### What is needed
Reproduce exactly, from the data that follows, the line with "Exterior Trim Visibility [instance default] = yes", the line with "Pattern_2x2 : Muntin Pattern_2x2", and every line that lies between them.

### Material for the task
-------

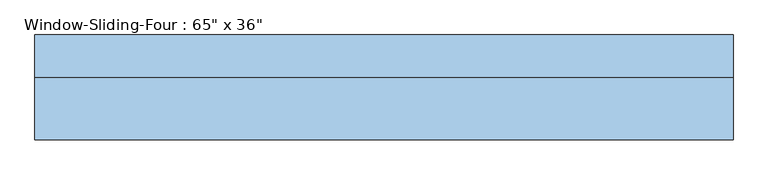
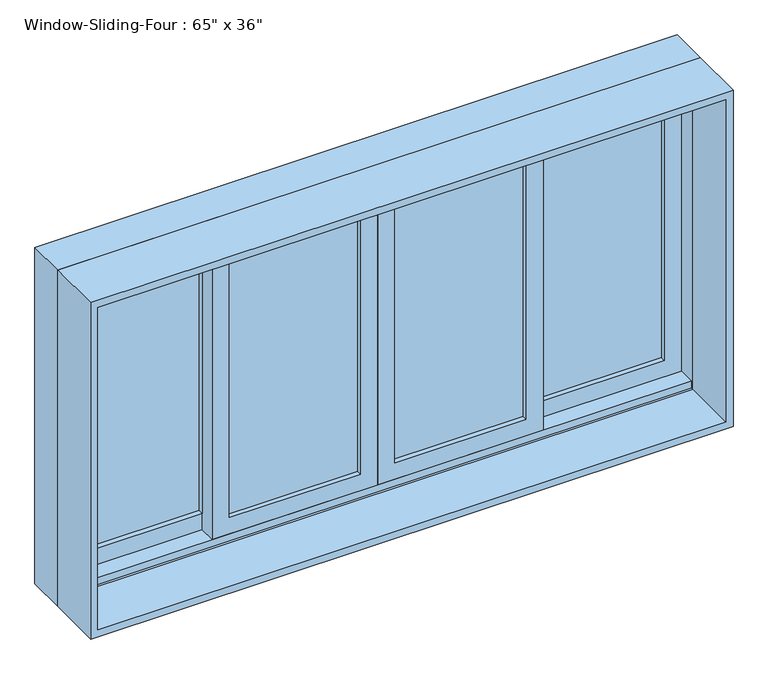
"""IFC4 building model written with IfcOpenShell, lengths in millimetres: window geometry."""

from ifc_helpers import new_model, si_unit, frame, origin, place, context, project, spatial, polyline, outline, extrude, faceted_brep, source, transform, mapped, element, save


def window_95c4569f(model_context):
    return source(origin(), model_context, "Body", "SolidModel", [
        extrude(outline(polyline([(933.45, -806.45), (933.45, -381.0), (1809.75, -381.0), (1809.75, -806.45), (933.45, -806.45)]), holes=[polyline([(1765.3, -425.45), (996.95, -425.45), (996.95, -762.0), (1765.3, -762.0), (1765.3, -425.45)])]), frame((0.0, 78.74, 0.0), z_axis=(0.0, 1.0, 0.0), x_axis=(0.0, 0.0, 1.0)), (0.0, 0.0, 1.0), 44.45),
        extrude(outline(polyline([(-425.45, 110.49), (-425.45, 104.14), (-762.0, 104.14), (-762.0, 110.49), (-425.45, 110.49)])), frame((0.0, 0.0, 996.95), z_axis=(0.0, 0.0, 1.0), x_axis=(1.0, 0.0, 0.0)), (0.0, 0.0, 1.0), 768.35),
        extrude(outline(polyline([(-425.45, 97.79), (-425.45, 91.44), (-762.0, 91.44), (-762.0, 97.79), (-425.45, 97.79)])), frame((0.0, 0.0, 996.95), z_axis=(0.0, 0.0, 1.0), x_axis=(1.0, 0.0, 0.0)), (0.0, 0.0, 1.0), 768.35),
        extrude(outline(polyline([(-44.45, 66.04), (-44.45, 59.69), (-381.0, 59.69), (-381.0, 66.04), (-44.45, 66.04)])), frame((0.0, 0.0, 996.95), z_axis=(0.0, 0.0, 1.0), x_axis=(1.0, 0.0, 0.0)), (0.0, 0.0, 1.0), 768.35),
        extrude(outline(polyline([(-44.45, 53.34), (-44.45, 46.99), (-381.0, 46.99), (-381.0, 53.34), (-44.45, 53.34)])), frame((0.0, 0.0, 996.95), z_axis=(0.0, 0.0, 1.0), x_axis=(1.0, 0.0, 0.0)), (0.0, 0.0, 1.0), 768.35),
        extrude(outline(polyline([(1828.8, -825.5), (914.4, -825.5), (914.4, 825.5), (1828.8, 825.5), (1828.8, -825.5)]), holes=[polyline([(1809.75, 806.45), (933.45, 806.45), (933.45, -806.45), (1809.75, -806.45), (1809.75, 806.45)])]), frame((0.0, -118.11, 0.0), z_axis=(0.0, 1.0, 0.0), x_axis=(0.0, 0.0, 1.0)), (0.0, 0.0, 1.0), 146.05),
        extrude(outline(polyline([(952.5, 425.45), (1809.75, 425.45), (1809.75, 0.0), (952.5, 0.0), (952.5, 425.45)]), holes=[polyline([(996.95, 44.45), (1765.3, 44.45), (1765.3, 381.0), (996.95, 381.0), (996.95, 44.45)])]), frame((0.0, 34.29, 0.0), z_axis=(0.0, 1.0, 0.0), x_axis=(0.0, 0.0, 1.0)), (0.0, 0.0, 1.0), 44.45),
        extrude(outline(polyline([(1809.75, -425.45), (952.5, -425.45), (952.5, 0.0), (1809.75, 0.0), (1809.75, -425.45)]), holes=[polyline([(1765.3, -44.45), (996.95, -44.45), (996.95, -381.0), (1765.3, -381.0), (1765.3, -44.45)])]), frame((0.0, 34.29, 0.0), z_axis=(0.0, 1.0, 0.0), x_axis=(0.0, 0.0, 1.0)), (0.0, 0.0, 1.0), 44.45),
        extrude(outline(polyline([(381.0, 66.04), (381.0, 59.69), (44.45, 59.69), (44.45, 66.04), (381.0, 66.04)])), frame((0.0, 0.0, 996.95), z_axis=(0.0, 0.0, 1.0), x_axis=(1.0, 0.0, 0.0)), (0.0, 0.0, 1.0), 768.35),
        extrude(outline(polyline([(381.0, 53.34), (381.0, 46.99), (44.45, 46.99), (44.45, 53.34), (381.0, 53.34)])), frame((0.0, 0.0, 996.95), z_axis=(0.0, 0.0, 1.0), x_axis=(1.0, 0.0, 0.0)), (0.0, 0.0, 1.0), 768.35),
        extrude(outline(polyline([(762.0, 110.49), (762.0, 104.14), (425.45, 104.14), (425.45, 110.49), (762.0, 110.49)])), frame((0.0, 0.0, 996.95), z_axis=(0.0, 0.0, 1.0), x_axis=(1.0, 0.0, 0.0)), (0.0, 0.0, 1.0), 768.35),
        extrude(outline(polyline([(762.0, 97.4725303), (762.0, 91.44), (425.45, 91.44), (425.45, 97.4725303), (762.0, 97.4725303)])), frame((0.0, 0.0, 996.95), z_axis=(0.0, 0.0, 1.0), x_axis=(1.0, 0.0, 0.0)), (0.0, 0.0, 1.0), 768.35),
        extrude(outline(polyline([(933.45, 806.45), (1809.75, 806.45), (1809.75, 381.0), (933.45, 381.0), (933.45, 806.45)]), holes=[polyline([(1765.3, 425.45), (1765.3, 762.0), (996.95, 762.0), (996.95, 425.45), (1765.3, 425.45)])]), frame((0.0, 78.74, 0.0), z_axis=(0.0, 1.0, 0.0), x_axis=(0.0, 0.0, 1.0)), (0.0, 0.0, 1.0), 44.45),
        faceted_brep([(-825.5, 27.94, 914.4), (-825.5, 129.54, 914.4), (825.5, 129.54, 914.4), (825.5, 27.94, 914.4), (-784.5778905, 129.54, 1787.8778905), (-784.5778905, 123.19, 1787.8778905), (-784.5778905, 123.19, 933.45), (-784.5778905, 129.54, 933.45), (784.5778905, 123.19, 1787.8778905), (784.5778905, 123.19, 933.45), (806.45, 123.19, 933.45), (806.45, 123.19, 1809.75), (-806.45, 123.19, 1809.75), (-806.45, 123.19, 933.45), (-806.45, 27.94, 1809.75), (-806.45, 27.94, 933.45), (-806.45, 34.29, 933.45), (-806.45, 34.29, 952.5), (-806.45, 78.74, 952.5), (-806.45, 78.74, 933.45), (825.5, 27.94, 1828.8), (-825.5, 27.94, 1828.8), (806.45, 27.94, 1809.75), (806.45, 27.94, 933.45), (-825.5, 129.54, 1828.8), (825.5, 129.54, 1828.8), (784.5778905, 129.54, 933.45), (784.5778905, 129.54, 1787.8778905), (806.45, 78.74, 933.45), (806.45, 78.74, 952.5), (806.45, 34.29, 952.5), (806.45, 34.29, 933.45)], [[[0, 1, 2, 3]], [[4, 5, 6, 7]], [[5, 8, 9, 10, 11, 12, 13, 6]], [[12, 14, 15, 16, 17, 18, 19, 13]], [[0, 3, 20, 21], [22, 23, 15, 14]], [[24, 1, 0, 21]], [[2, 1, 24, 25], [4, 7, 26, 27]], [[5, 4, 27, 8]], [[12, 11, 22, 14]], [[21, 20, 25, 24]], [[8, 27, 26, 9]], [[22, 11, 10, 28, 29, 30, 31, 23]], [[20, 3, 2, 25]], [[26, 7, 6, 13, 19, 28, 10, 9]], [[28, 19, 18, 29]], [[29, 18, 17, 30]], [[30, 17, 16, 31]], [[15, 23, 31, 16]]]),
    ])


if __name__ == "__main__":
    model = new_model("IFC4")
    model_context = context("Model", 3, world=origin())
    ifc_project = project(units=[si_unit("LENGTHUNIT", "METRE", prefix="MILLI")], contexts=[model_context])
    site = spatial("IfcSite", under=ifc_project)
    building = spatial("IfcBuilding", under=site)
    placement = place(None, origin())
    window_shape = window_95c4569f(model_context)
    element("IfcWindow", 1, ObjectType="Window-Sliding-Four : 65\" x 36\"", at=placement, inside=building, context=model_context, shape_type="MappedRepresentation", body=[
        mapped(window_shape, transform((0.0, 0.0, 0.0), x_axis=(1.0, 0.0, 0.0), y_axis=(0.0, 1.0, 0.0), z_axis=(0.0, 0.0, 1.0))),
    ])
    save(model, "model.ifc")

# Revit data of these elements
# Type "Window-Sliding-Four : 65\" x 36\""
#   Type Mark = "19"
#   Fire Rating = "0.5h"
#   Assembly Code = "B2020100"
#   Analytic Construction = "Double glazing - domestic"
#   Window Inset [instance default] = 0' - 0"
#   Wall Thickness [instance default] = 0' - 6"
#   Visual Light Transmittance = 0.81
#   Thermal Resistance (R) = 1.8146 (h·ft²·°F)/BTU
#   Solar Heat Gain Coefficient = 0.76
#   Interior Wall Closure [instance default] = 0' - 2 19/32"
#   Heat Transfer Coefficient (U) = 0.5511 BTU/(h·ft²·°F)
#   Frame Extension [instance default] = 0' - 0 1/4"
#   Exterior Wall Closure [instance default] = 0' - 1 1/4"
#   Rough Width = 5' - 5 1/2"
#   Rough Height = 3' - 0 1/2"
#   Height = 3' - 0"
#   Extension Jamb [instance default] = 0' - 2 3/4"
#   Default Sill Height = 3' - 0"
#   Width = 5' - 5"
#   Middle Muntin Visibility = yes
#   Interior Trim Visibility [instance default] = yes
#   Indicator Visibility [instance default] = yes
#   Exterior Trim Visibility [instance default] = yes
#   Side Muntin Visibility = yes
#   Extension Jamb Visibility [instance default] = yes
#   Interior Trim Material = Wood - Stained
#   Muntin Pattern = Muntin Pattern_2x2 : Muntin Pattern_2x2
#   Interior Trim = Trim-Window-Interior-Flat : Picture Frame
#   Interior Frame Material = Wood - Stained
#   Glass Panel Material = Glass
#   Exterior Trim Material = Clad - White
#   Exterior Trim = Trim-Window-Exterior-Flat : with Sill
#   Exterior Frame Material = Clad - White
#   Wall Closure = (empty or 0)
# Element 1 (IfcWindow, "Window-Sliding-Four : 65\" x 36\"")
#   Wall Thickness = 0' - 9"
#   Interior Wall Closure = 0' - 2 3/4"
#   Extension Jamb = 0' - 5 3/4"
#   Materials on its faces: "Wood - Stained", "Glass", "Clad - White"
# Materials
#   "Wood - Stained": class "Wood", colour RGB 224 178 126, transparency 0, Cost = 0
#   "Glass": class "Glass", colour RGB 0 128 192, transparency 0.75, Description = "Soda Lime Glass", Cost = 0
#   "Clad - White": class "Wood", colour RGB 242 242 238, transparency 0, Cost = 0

-------

### Answer to this task
#   Exterior Trim Visibility [instance default] = yes
#   Side Muntin Visibility = yes
#   Extension Jamb Visibility [instance default] = yes
#   Interior Trim Material = Wood - Stained
#   Muntin Pattern = Muntin Pattern_2x2 : Muntin Pattern_2x2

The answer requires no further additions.